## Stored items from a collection
· · ·
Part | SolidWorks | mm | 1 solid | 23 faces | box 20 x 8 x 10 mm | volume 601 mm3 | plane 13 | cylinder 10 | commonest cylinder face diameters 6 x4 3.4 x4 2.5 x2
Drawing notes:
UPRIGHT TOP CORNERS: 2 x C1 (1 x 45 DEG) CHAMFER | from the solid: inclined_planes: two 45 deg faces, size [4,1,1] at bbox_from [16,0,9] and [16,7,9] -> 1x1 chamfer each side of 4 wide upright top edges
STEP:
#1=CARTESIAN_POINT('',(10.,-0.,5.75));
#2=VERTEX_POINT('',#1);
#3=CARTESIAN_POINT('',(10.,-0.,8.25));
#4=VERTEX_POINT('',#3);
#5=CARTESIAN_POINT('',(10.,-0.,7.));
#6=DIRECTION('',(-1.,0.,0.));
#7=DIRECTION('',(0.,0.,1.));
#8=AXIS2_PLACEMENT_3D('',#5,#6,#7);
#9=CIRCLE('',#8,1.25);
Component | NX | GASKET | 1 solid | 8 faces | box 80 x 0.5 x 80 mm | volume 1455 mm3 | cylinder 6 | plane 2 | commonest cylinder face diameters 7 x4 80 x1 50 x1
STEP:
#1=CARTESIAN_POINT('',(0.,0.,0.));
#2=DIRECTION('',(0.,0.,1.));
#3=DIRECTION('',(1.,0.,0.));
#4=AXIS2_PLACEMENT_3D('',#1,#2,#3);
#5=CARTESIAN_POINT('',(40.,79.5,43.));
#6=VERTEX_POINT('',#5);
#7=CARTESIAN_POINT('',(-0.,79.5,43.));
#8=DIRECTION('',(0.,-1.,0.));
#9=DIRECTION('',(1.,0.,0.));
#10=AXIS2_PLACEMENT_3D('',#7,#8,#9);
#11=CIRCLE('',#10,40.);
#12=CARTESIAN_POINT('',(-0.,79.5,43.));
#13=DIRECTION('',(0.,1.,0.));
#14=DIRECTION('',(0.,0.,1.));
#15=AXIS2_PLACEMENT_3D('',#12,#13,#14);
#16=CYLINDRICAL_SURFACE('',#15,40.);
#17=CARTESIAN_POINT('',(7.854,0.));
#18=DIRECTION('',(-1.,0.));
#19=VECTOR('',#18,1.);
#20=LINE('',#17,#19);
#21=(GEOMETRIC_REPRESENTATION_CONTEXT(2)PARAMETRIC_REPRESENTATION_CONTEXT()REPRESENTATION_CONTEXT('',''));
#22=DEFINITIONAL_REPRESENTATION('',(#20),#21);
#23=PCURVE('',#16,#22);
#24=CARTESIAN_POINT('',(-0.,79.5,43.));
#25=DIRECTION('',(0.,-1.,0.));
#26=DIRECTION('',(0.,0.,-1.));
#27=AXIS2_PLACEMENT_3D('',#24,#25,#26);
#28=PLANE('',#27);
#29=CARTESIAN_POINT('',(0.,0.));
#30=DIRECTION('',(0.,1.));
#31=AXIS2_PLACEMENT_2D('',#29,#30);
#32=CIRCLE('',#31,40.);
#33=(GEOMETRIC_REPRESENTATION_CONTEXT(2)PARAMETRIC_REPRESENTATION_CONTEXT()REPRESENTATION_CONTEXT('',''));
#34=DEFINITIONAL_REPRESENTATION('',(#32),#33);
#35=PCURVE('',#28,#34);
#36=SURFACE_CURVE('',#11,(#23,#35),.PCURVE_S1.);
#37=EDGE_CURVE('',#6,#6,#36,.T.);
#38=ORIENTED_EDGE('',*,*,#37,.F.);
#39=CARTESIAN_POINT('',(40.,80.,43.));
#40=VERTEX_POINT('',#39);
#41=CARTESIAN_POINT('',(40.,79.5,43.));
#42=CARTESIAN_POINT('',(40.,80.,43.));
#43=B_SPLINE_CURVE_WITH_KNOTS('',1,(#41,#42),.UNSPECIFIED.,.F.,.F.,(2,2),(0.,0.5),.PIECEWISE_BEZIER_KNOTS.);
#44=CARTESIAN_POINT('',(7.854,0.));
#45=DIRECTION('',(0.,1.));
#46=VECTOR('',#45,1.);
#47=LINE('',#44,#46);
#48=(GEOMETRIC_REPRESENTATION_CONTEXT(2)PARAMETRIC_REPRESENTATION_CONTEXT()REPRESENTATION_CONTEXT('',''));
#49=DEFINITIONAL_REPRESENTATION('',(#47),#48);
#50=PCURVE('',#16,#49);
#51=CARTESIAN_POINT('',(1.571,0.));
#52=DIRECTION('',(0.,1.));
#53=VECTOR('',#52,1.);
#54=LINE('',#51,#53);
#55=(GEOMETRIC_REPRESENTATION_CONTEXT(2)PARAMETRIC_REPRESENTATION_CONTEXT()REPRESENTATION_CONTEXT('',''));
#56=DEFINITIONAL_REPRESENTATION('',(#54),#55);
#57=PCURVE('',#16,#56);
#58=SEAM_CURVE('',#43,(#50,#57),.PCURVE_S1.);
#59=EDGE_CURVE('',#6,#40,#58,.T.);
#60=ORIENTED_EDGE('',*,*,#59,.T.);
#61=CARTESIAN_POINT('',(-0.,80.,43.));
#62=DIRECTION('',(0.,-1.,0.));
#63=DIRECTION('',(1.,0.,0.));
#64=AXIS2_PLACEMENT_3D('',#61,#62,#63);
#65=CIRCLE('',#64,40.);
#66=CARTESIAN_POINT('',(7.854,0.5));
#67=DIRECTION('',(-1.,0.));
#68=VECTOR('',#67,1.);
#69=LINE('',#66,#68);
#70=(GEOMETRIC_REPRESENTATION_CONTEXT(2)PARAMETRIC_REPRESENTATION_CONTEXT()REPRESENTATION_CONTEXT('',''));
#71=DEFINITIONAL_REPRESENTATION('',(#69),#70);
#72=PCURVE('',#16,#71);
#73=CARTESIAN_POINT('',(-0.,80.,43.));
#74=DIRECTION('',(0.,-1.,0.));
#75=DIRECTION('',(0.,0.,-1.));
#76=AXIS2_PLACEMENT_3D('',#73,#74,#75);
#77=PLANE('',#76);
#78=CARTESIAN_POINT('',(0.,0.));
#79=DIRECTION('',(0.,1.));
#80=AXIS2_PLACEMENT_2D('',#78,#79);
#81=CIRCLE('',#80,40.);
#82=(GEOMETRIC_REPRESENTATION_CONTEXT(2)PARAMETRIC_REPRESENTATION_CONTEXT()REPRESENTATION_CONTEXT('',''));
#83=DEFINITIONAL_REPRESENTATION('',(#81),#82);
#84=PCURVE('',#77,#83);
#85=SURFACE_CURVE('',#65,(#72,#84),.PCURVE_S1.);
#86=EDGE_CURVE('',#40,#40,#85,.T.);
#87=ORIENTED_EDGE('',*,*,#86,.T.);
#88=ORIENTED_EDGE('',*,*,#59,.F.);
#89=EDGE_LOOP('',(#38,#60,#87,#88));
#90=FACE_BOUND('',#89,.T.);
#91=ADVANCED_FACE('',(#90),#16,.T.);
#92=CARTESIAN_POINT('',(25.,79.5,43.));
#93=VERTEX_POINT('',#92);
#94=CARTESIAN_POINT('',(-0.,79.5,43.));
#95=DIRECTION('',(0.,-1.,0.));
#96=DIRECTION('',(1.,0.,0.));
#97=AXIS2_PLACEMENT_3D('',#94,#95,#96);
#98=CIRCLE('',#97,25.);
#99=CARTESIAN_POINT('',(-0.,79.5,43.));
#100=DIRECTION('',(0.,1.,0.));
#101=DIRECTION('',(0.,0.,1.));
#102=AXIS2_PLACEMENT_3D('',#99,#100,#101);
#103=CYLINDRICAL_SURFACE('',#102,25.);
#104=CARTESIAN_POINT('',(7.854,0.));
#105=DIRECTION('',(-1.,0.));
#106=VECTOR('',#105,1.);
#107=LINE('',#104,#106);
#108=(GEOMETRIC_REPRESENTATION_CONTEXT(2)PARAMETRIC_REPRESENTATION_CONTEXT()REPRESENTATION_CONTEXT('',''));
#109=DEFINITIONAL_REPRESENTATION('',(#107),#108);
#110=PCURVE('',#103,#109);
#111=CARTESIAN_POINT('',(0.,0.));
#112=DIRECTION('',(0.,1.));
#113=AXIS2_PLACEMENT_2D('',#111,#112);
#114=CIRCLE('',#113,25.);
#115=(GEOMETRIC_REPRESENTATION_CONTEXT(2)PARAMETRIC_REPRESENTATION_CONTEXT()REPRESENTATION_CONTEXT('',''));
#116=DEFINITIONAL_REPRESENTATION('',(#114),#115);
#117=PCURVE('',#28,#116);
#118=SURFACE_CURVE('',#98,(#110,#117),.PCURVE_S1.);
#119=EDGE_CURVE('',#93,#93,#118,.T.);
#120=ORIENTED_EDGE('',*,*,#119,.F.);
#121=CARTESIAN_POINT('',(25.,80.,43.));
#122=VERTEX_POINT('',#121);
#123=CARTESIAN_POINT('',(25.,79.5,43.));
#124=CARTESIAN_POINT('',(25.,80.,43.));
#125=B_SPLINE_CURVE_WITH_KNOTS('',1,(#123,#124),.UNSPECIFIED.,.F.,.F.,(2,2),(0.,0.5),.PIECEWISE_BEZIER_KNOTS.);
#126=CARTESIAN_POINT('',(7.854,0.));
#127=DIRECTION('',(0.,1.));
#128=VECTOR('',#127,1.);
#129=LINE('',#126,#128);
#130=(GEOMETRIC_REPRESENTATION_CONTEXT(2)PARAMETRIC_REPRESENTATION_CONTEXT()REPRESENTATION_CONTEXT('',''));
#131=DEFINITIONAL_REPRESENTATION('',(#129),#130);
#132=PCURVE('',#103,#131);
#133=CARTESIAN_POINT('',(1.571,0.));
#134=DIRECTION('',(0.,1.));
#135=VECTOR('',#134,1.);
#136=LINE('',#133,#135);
· · ·
## Task statement
Retype the records above, but only those lines that fall between the line containing "#61=CARTESIAN_POINT('',(-0.,80.,43.));" and the line containing "#83=DEFINITIONAL_REPRESENTATION('',(#81),#82);", with both of those lines included, exactly as written.

## Solution to this task
#61=CARTESIAN_POINT('',(-0.,80.,43.));
#62=DIRECTION('',(0.,-1.,0.));
#63=DIRECTION('',(1.,0.,0.));
#64=AXIS2_PLACEMENT_3D('',#61,#62,#63);
#65=CIRCLE('',#64,40.);
#66=CARTESIAN_POINT('',(7.854,0.5));
#67=DIRECTION('',(-1.,0.));
#68=VECTOR('',#67,1.);
#69=LINE('',#66,#68);
#70=(GEOMETRIC_REPRESENTATION_CONTEXT(2)PARAMETRIC_REPRESENTATION_CONTEXT()REPRESENTATION_CONTEXT('',''));
#71=DEFINITIONAL_REPRESENTATION('',(#69),#70);
#72=PCURVE('',#16,#71);
#73=CARTESIAN_POINT('',(-0.,80.,43.));
#74=DIRECTION('',(0.,-1.,0.));
#75=DIRECTION('',(0.,0.,-1.));
#76=AXIS2_PLACEMENT_3D('',#73,#74,#75);
#77=PLANE('',#76);
#78=CARTESIAN_POINT('',(0.,0.));
#79=DIRECTION('',(0.,1.));
#80=AXIS2_PLACEMENT_2D('',#78,#79);
#81=CIRCLE('',#80,40.);
#82=(GEOMETRIC_REPRESENTATION_CONTEXT(2)PARAMETRIC_REPRESENTATION_CONTEXT()REPRESENTATION_CONTEXT('',''));
#83=DEFINITIONAL_REPRESENTATION('',(#81),#82);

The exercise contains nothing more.